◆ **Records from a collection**
┄┄┄┄┄┄┄┄┄┄

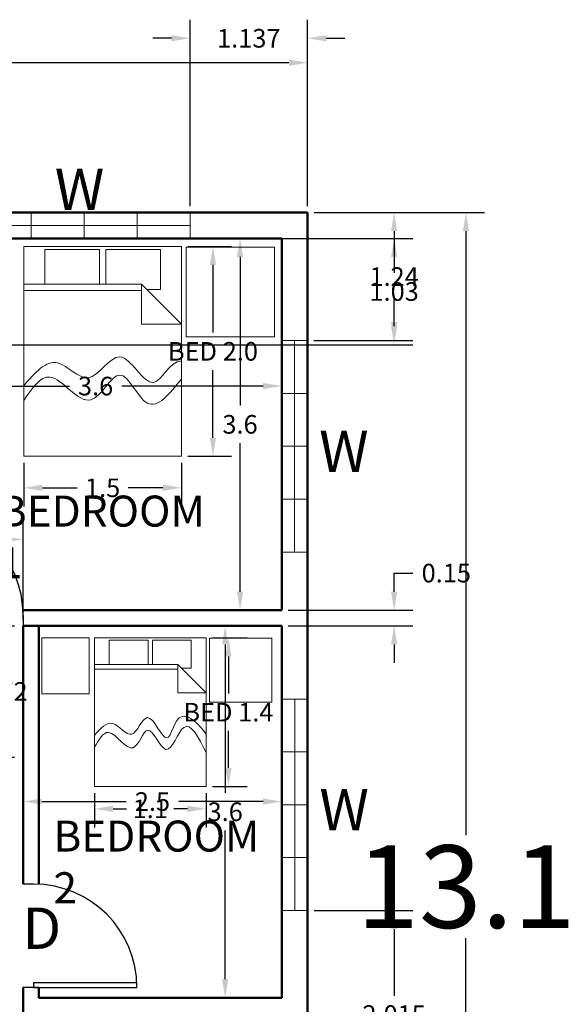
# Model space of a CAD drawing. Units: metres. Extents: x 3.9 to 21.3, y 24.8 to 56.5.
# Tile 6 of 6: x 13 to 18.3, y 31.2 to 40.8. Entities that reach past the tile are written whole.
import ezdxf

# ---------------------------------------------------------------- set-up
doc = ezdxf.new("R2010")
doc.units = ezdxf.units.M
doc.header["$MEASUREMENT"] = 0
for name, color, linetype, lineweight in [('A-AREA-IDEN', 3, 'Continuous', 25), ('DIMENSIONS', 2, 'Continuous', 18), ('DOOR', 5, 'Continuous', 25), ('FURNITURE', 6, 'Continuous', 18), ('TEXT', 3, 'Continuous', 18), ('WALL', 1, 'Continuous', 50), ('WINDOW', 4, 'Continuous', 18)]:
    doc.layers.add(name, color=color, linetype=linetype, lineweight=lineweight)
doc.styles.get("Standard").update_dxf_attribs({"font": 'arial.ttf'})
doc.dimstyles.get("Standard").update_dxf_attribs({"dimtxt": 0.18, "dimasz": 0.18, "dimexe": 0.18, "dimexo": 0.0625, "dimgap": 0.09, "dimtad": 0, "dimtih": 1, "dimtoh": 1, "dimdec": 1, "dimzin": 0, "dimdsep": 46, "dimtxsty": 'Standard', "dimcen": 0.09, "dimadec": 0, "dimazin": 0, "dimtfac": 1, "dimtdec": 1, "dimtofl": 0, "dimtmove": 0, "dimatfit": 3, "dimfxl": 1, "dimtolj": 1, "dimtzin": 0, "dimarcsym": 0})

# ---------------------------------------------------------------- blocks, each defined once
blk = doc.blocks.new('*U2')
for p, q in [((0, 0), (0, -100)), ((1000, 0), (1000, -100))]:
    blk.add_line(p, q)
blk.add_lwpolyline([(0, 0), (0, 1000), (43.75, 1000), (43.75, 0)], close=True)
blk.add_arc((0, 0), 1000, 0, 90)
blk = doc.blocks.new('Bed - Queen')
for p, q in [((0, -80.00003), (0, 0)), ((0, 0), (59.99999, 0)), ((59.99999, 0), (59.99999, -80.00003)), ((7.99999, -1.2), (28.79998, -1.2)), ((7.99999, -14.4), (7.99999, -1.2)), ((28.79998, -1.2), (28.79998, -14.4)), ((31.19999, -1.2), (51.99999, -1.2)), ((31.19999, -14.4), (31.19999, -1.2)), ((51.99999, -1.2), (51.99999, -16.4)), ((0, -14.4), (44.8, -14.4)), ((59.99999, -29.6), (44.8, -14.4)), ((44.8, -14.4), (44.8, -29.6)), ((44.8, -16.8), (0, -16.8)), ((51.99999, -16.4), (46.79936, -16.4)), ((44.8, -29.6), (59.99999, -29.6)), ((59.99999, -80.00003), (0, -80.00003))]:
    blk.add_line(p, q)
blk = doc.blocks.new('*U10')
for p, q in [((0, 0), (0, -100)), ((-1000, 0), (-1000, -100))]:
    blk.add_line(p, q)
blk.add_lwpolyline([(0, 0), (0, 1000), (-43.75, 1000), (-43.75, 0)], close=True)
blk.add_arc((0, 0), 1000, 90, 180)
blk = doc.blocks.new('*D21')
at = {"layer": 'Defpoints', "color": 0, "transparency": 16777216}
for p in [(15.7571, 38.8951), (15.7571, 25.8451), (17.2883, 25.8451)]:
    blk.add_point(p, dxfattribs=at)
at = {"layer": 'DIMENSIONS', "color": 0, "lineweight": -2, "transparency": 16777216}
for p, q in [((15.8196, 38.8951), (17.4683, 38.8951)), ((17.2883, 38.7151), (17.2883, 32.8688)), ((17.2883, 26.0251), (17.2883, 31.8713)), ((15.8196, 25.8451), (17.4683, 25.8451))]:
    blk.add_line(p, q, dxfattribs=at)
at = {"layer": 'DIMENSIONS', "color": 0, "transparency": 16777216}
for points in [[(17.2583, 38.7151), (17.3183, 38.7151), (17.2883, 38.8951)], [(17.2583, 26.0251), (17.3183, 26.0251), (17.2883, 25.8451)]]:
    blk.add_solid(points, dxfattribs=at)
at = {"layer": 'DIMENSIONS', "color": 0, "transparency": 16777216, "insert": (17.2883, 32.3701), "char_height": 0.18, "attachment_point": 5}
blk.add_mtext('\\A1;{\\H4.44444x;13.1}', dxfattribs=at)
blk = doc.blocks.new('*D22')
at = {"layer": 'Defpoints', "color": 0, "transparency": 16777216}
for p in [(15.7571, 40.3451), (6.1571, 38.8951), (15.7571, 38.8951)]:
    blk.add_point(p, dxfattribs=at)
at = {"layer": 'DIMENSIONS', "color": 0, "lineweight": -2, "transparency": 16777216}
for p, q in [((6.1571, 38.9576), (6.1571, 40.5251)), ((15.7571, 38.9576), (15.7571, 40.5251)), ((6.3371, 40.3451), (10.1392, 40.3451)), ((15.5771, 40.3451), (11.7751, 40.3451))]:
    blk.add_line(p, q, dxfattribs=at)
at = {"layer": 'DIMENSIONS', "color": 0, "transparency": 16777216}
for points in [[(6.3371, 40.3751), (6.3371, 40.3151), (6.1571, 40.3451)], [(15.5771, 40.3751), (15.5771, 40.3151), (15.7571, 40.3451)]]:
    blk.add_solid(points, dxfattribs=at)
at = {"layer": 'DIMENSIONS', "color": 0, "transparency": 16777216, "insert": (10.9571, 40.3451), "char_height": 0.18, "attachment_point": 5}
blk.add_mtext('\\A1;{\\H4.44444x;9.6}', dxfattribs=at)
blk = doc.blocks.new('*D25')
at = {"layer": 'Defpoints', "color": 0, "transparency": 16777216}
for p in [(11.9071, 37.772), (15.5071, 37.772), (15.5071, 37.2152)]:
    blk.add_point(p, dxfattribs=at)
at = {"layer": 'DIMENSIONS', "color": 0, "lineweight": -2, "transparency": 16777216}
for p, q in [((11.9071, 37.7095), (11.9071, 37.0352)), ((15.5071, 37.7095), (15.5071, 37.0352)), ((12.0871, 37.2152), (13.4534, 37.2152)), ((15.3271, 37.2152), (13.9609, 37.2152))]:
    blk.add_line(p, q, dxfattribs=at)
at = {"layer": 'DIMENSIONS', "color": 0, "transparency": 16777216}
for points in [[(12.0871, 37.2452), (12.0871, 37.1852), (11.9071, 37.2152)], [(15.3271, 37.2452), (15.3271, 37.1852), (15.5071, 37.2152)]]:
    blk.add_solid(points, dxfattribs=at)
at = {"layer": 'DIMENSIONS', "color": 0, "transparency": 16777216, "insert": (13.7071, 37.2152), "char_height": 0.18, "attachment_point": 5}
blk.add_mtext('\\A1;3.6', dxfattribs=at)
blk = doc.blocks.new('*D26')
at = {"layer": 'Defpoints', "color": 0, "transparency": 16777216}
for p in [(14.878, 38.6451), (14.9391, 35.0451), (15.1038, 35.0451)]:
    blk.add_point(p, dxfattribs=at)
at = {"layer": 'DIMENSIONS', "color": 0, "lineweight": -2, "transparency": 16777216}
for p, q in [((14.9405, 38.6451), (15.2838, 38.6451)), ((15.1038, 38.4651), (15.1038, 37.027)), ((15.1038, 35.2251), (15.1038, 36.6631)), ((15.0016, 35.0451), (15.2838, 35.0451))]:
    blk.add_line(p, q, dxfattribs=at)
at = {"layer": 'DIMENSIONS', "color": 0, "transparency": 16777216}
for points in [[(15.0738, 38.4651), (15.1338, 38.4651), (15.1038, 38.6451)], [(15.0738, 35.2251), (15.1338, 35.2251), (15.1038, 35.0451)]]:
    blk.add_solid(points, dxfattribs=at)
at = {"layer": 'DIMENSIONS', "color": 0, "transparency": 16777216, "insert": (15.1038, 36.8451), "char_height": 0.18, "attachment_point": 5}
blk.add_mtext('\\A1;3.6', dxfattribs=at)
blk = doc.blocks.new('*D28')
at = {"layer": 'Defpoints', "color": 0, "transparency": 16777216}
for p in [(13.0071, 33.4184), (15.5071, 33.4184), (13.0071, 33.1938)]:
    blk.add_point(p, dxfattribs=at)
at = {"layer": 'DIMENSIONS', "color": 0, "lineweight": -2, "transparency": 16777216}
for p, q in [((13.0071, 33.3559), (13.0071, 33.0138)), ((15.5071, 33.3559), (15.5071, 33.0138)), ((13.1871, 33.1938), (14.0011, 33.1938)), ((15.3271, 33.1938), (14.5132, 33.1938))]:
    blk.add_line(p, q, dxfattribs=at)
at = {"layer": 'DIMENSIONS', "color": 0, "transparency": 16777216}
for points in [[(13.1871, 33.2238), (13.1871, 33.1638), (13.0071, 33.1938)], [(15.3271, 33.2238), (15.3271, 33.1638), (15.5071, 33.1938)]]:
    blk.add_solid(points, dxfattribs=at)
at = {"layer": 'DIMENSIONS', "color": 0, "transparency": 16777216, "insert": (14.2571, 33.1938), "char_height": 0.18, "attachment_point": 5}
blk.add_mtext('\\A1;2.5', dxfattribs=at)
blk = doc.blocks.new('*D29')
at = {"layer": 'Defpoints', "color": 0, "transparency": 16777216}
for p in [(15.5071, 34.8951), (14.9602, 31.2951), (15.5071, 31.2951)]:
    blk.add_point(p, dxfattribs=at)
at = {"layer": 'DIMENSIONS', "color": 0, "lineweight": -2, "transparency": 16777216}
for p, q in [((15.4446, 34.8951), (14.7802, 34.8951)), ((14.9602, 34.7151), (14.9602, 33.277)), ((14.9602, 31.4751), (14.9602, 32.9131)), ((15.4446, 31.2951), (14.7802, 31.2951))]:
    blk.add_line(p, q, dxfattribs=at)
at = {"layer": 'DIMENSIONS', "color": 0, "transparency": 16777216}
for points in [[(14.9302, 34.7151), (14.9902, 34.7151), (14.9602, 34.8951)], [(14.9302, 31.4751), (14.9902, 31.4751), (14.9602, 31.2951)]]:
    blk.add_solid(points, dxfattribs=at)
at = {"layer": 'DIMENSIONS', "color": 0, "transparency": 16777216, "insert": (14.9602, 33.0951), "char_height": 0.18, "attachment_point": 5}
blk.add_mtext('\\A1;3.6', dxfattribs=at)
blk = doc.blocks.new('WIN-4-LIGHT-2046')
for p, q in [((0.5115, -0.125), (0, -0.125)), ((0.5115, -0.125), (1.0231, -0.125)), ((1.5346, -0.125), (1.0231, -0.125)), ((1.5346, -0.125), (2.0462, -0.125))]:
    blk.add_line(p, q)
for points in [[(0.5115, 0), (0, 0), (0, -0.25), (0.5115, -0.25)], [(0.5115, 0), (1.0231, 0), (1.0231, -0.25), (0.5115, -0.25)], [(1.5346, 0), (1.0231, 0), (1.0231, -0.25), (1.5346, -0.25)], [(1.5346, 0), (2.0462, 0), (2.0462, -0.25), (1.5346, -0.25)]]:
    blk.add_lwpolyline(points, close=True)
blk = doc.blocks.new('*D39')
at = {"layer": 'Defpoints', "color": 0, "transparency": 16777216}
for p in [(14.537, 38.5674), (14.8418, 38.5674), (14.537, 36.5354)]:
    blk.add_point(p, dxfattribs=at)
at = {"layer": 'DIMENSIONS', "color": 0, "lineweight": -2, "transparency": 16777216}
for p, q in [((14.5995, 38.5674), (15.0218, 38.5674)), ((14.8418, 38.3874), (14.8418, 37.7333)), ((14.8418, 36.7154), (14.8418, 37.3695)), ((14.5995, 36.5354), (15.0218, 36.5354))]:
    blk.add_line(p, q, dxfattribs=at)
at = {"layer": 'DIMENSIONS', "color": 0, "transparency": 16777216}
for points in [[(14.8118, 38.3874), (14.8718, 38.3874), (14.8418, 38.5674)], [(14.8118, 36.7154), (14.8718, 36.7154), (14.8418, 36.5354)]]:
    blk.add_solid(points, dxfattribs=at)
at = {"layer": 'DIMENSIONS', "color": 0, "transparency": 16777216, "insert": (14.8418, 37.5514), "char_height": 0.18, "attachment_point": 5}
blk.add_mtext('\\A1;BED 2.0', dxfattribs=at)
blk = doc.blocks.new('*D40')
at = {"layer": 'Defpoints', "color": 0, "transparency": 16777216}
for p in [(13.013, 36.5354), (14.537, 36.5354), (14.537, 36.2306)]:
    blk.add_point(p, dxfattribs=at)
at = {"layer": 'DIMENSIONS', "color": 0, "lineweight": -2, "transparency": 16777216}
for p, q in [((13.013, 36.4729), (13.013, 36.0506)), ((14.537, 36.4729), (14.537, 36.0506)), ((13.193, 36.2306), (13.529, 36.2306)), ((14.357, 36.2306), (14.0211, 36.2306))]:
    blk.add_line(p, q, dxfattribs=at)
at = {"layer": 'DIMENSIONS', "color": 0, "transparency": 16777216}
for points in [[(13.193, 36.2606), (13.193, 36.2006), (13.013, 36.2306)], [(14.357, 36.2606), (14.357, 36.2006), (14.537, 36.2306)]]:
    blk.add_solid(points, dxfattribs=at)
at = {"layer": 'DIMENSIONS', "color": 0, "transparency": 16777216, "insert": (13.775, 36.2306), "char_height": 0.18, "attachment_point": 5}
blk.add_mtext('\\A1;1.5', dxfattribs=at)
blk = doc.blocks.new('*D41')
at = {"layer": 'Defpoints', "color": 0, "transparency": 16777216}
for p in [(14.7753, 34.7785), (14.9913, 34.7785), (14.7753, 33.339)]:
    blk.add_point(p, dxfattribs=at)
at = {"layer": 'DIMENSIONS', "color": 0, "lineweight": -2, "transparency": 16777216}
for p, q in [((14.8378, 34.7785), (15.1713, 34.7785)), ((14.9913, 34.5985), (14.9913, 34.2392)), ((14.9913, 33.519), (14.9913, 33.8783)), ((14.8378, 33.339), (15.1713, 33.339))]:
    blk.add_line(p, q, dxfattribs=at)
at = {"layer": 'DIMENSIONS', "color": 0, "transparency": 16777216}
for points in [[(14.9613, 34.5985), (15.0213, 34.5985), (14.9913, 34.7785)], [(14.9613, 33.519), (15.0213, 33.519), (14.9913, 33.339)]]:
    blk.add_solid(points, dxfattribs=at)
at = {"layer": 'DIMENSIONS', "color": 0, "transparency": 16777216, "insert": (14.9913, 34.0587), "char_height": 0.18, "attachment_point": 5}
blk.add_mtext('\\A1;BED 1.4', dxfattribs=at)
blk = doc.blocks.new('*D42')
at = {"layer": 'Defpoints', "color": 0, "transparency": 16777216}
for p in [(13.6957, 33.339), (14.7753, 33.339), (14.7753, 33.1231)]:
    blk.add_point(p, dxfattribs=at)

┄┄┄┄┄┄┄┄┄┄

◆ **WORK ITEM**
Match on "linetype" and report each line of the data above that has it.

◆ **EXERCISE SOLUTION**
for name, color, linetype, lineweight in [('A-AREA-IDEN', 3, 'Continuous', 25), ('DIMENSIONS', 2, 'Continuous', 18), ('DOOR', 5, 'Continuous', 25), ('FURNITURE', 6, 'Continuous', 18), ('TEXT', 3, 'Continuous', 18), ('WALL', 1, 'Continuous', 50), ('WINDOW', 4, 'Continuous', 18)]:
    doc.layers.add(name, color=color, linetype=linetype, lineweight=lineweight)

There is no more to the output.